## DESCRIPTION OF THE TASK
If a line in the entries contains the string "where", include that line in your answer.

## DATA SUPPLIED
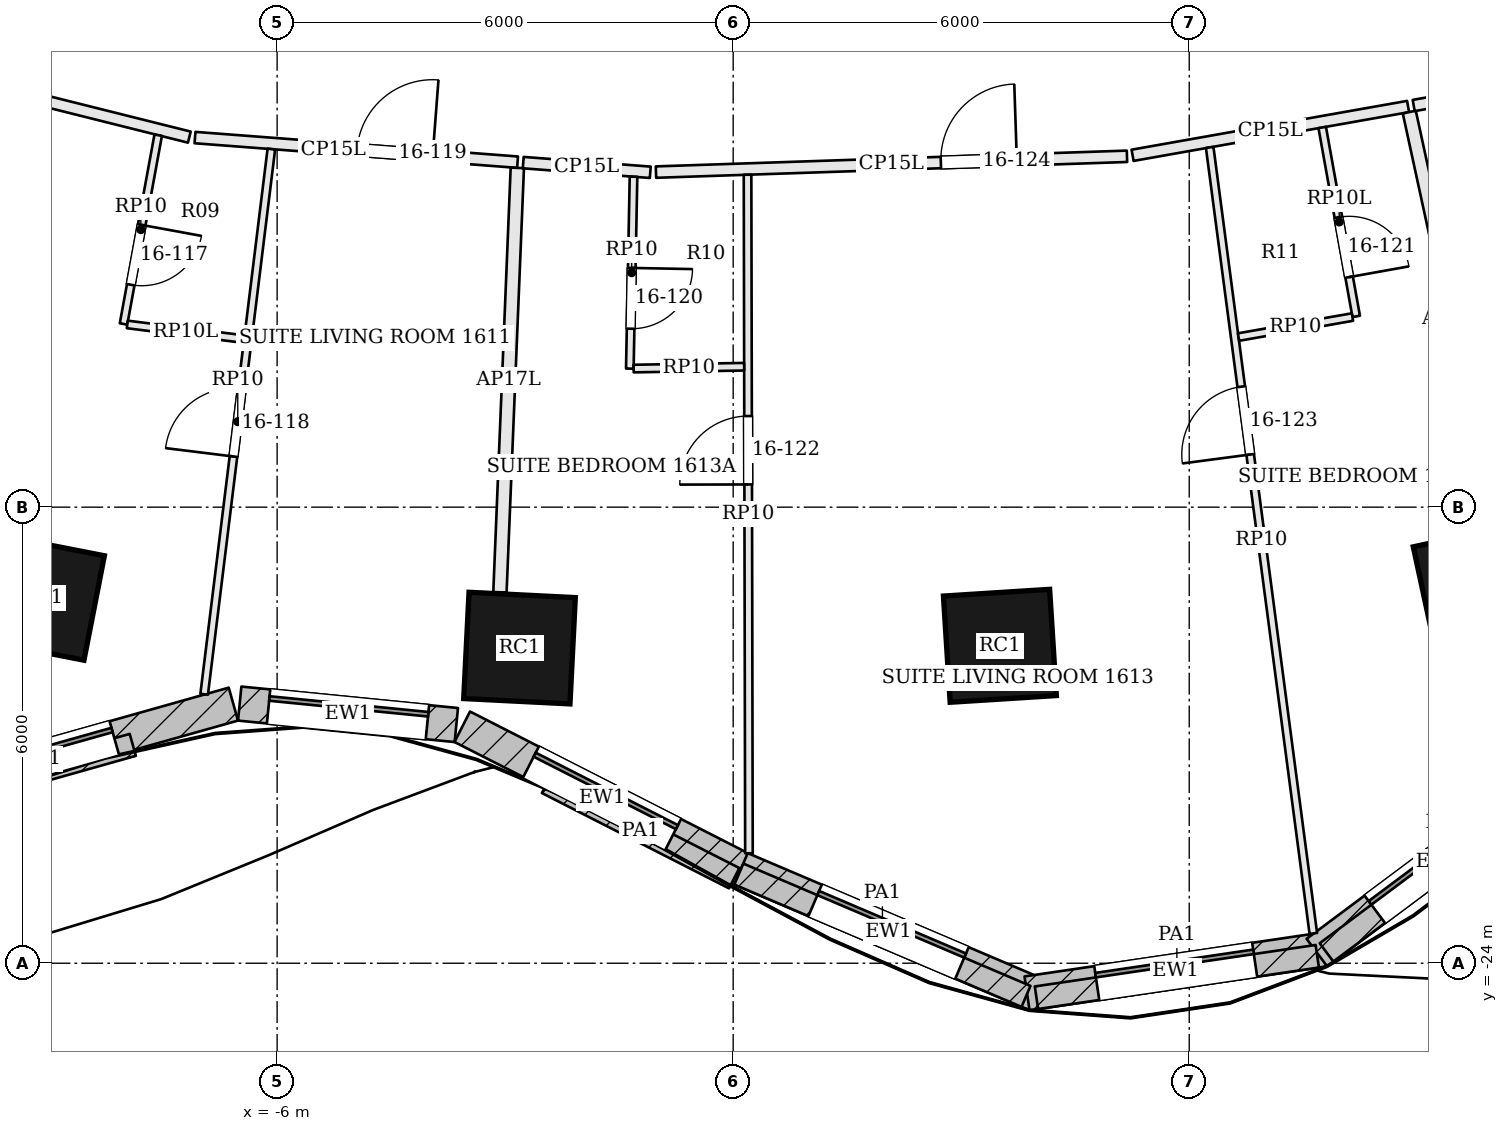
"""IFC4 building model, lengths in metres.
Left out: names, types, materials, properties, quantities, classifications, styles, units other than length and angle.
Written with IfcOpenShell. Run it as: python <this file> out.ifc"""

import sys

from ifc_helpers import new_model, si_unit, direction, frame, frame_2d, origin, origin_2d, place, context, subcontext, project, spatial, rectangle, extrude, element, fill, save


model = new_model("IFC4")
c1 = context("Model", 3, precision=1e-05, world=origin(), true_north=direction((0.0, 1.0)))
c2 = subcontext(c1, "Body", "Model", "MODEL_VIEW")
j1 = project(units=[si_unit("LENGTHUNIT", "METRE"), si_unit("PLANEANGLEUNIT", "RADIAN")], contexts=[c1])
p1 = place(None, origin())
s1 = spatial("IfcSite", under=j1, at=p1, CompositionType="ELEMENT")
p2 = place(p1, origin())
s2 = spatial("IfcBuilding", under=s1, at=p2, CompositionType="ELEMENT")
p3 = place(p2, frame((0.0, 0.0, 73.5)))
s3 = spatial("IfcBuildingStorey", under=s2, at=p3, CompositionType="ELEMENT", Elevation=73.5)
for number, where, z_axis, x_axis in (
    (1, (-9.094, -19.192, 0.0), (0.0, 0.0, 1.0), (0.981, -0.192, 0.0)),
    (2, (-2.811, -19.854, 0.0), (0.0, 0.0, 1.0), (0.999, -0.05, 0.0)),
    (3, (3.509, -19.824, 0.0), (0.0, 0.0, 1.0), (0.998, 0.063, 0.0)),
    (4, (9.78, -19.058, 0.0), (0.0, 0.0, 1.0), (0.977, 0.211, 0.0)),
):
    element("IfcColumn", number, at=place(p3, frame(where, z_axis=z_axis, x_axis=x_axis)), inside=s3, PredefinedType="COLUMN", context=c2, shape_type="SweptSolid", body=[
        extrude(rectangle(XDim=1.4, YDim=1.4, at=origin_2d()), origin(), (0.0, 0.0, 1.0), 2.8),
    ])
p4 = place(p3, frame((-11.732, -22.044, 0.0), z_axis=(0.0, 0.0, 1.0), x_axis=(0.962535416232, 0.271155992925, 0.0)))
e5 = element("IfcWall", 5, at=p4, inside=s3, PredefinedType="SOLIDWALL", context=c2, shape_type="SweptSolid", body=[
    extrude(rectangle(XDim=5.357, YDim=0.45, at=frame_2d((2.679, 0.0))), origin(), (0.0, 0.0, 1.0), 3.3),
])
p5 = place(p4, frame((1.629, 0.0, 0.9)))
e6 = element("IfcOpeningElement", 6, at=p5, cuts=e5, PredefinedType="OPENING", context=c2, shape_type="SweptSolid", body=[
    extrude(rectangle(XDim=2.1, YDim=1.8, at=frame_2d((1.05, 0.9))), frame((0.0, 0.235, 0.0), z_axis=(0.0, -1.0, 0.0), x_axis=(1.0, 0.0, 0.0)), (0.0, 0.0, 1.0), 0.47),
])
p6 = place(p3, frame((-6.492, -20.584, 0.0), z_axis=(0.0, 0.0, 1.0), x_axis=(0.995123748575, -0.098634299418, 0.0)))
e7 = element("IfcWall", 7, at=p6, inside=s3, PredefinedType="SOLIDWALL", context=c2, shape_type="SweptSolid", body=[
    extrude(rectangle(XDim=2.864, YDim=0.45, at=frame_2d((1.432, 0.0))), origin(), (0.0, 0.0, 1.0), 3.3),
])
p7 = place(p6, frame((0.382, 0.0, 0.9)))
e8 = element("IfcOpeningElement", 8, at=p7, cuts=e7, PredefinedType="OPENING", context=c2, shape_type="SweptSolid", body=[
    extrude(rectangle(XDim=2.1, YDim=1.8, at=frame_2d((1.05, 0.9))), frame((0.0, 0.235, 0.0), z_axis=(0.0, -1.0, 0.0), x_axis=(1.0, 0.0, 0.0)), (0.0, 0.0, 1.0), 0.47),
])
p8 = place(p3, frame((-3.564, -20.889, 0.0), z_axis=(0.0, 0.0, 1.0), x_axis=(0.891033634447, -0.453937288933, 0.0)))
e9 = element("IfcWall", 9, at=p8, inside=s3, PredefinedType="SOLIDWALL", context=c2, shape_type="SweptSolid", body=[
    extrude(rectangle(XDim=4.132, YDim=0.45, at=frame_2d((2.066, 0.0))), origin(), (0.0, 0.0, 1.0), 3.3),
])
p9 = place(p8, frame((1.016, 0.0, 0.9)))
e10 = element("IfcOpeningElement", 10, at=p9, cuts=e9, PredefinedType="OPENING", context=c2, shape_type="SweptSolid", body=[
    extrude(rectangle(XDim=2.1, YDim=1.8, at=frame_2d((1.05, 0.9))), frame((0.0, 0.235, 0.0), z_axis=(0.0, -1.0, 0.0), x_axis=(1.0, 0.0, 0.0)), (0.0, 0.0, 1.0), 0.47),
])
p10 = place(p3, frame((0.103, -22.758, 0.0), z_axis=(0.0, 0.0, 1.0), x_axis=(0.920037498786, -0.391830321475, 0.0)))
e11 = element("IfcWall", 11, at=p10, inside=s3, PredefinedType="SOLIDWALL", context=c2, shape_type="SweptSolid", body=[
    extrude(rectangle(XDim=4.219, YDim=0.45, at=frame_2d((2.11, 0.0))), origin(), (0.0, 0.0, 1.0), 3.3),
])
p11 = place(p10, frame((1.06, 0.0, 0.9)))
e12 = element("IfcOpeningElement", 12, at=p11, cuts=e11, PredefinedType="OPENING", context=c2, shape_type="SweptSolid", body=[
    extrude(rectangle(XDim=2.1, YDim=1.8, at=frame_2d((1.05, 0.9))), frame((0.0, 0.235, 0.0), z_axis=(0.0, -1.0, 0.0), x_axis=(1.0, 0.0, 0.0)), (0.0, 0.0, 1.0), 0.47),
])
p12 = place(p3, frame((3.866, -24.396, 0.0), z_axis=(0.0, 0.0, 1.0), x_axis=(0.989255112942, 0.146199594798, 0.0)))
e13 = element("IfcWall", 13, at=p12, inside=s3, PredefinedType="SOLIDWALL", context=c2, shape_type="SweptSolid", body=[
    extrude(rectangle(XDim=3.954, YDim=0.45, at=frame_2d((1.977, 0.0))), origin(), (0.0, 0.0, 1.0), 3.3),
])
p13 = place(p12, frame((0.927, 0.0, 0.9)))
e14 = element("IfcOpeningElement", 14, at=p13, cuts=e13, PredefinedType="OPENING", context=c2, shape_type="SweptSolid", body=[
    extrude(rectangle(XDim=2.1, YDim=1.8, at=frame_2d((1.05, 0.9))), frame((0.0, 0.235, 0.0), z_axis=(0.0, -1.0, 0.0), x_axis=(1.0, 0.0, 0.0)), (0.0, 0.0, 1.0), 0.47),
])
p14 = place(p3, frame((7.678, -23.859, 0.0), z_axis=(0.0, 0.0, 1.0), x_axis=(0.801665619573, 0.597772728046, 0.0)))
e15 = element("IfcWall", 15, at=p14, inside=s3, PredefinedType="SOLIDWALL", context=c2, shape_type="SweptSolid", body=[
    extrude(rectangle(XDim=4.003, YDim=0.45, at=frame_2d((2.001, 0.0))), origin(), (0.0, 0.0, 1.0), 3.3),
])
p15 = place(p14, frame((0.951, 0.0, 0.9)))
e16 = element("IfcOpeningElement", 16, at=p15, cuts=e15, PredefinedType="OPENING", context=c2, shape_type="SweptSolid", body=[
    extrude(rectangle(XDim=2.1, YDim=1.8, at=frame_2d((1.05, 0.9))), frame((0.0, 0.235, 0.0), z_axis=(0.0, -1.0, 0.0), x_axis=(1.0, 0.0, 0.0)), (0.0, 0.0, 1.0), 0.47),
])
p16 = place(p3, frame((-11.314, -22.089, 3.6), z_axis=(0.0, 0.0, 1.0), x_axis=(0.962527541074, 0.271183946195, 0.0)))
e17 = element("IfcWall", 17, at=p16, inside=s3, PredefinedType="PARAPET", context=c2, shape_type="SweptSolid", body=[
    extrude(rectangle(XDim=3.548, YDim=0.3, at=frame_2d((1.774, 0.0))), origin(), (0.0, 0.0, 1.0), 1.1),
])
p17 = place(p3, frame((-2.448, -21.627, 3.6), z_axis=(0.0, 0.0, 1.0), x_axis=(0.891061751317, -0.453882094095, 0.0)))
e18 = element("IfcWall", 18, at=p17, inside=s3, PredefinedType="PARAPET", context=c2, shape_type="SweptSolid", body=[
    extrude(rectangle(XDim=2.763, YDim=0.3, at=frame_2d((1.381, 0.0))), origin(), (0.0, 0.0, 1.0), 1.1),
])
p18 = place(p3, frame((0.075, -22.827, 3.6), z_axis=(0.0, 0.0, 1.0), x_axis=(0.920031521407, -0.391844356367, 0.0)))
e19 = element("IfcWall", 19, at=p18, inside=s3, PredefinedType="PARAPET", context=c2, shape_type="SweptSolid", body=[
    extrude(rectangle(XDim=4.106, YDim=0.3, at=frame_2d((2.053, 0.0))), origin(), (0.0, 0.0, 1.0), 1.1),
])
p19 = place(p3, frame((3.99, -24.454, 3.6), z_axis=(0.0, 0.0, 1.0), x_axis=(0.989258150551, 0.146179039429, 0.0)))
e20 = element("IfcWall", 20, at=p19, inside=s3, PredefinedType="PARAPET", context=c2, shape_type="SweptSolid", body=[
    extrude(rectangle(XDim=3.734, YDim=0.3, at=frame_2d((1.867, 0.0))), origin(), (0.0, 0.0, 1.0), 1.1),
])
p20 = place(p3, frame((7.806, -23.858, 3.6), z_axis=(0.0, 0.0, 1.0), x_axis=(0.801649538596, 0.597794293439, 0.0)))
e21 = element("IfcWall", 21, at=p20, inside=s3, PredefinedType="PARAPET", context=c2, shape_type="SweptSolid", body=[
    extrude(rectangle(XDim=3.865, YDim=0.3, at=frame_2d((1.932, 0.0))), origin(), (0.0, 0.0, 1.0), 1.1),
])
p21 = place(p3, frame((-11.898, -11.945, 0.0), z_axis=(0.0, 0.0, 1.0), x_axis=(0.970083727867, -0.24277059321, 0.0)))
e22 = element("IfcWall", 22, at=p21, inside=s3, PredefinedType="PARTITIONING", context=c2, shape_type="SweptSolid", body=[
    extrude(rectangle(XDim=4.889, YDim=0.15, at=frame_2d((2.445, 0.0))), origin(), (0.0, 0.0, 1.0), 2.58),
])
p22 = place(p3, frame((-7.08, -13.137, 0.0), z_axis=(0.0, 0.0, 1.0), x_axis=(0.997102544245, -0.07606915446, 0.0)))
e23 = element("IfcWall", 23, at=p22, inside=s3, PredefinedType="PARTITIONING", context=c2, shape_type="SweptSolid", body=[
    extrude(rectangle(XDim=4.256, YDim=0.15, at=frame_2d((2.128, 0.0))), origin(), (0.0, 0.0, 1.0), 2.58),
])
p23 = place(p22, frame((2.136, 0.0, 0.0)))
e24 = element("IfcOpeningElement", 24, at=p23, cuts=e23, PredefinedType="OPENING", context=c2, shape_type="SweptSolid", body=[
    extrude(rectangle(XDim=1.0, YDim=2.1, at=frame_2d((0.5, 1.05))), frame((0.0, 0.085, 0.0), z_axis=(0.0, -1.0, 0.0), x_axis=(1.0, 0.0, 0.0)), (0.0, 0.0, 1.0), 0.17),
])
p24 = place(p3, frame((-3.069, -19.12, 0.0), z_axis=(0.0, 0.0, 1.0), x_axis=(0.04093278692, 0.999161902274, 0.0)))
e25 = element("IfcWall", 25, at=p24, inside=s3, PredefinedType="PARTITIONING", context=c2, shape_type="SweptSolid", body=[
    extrude(rectangle(XDim=5.589, YDim=0.175, at=frame_2d((2.794, 0.0))), origin(), (0.0, 0.0, 1.0), 2.28),
])
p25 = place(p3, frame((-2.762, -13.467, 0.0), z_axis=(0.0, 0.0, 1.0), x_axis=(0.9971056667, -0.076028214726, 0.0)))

## YOUR SOLUTION
for number, where, z_axis, x_axis in (
    element("IfcColumn", number, at=place(p3, frame(where, z_axis=z_axis, x_axis=x_axis)), inside=s3, PredefinedType="COLUMN", context=c2, shape_type="SweptSolid", body=[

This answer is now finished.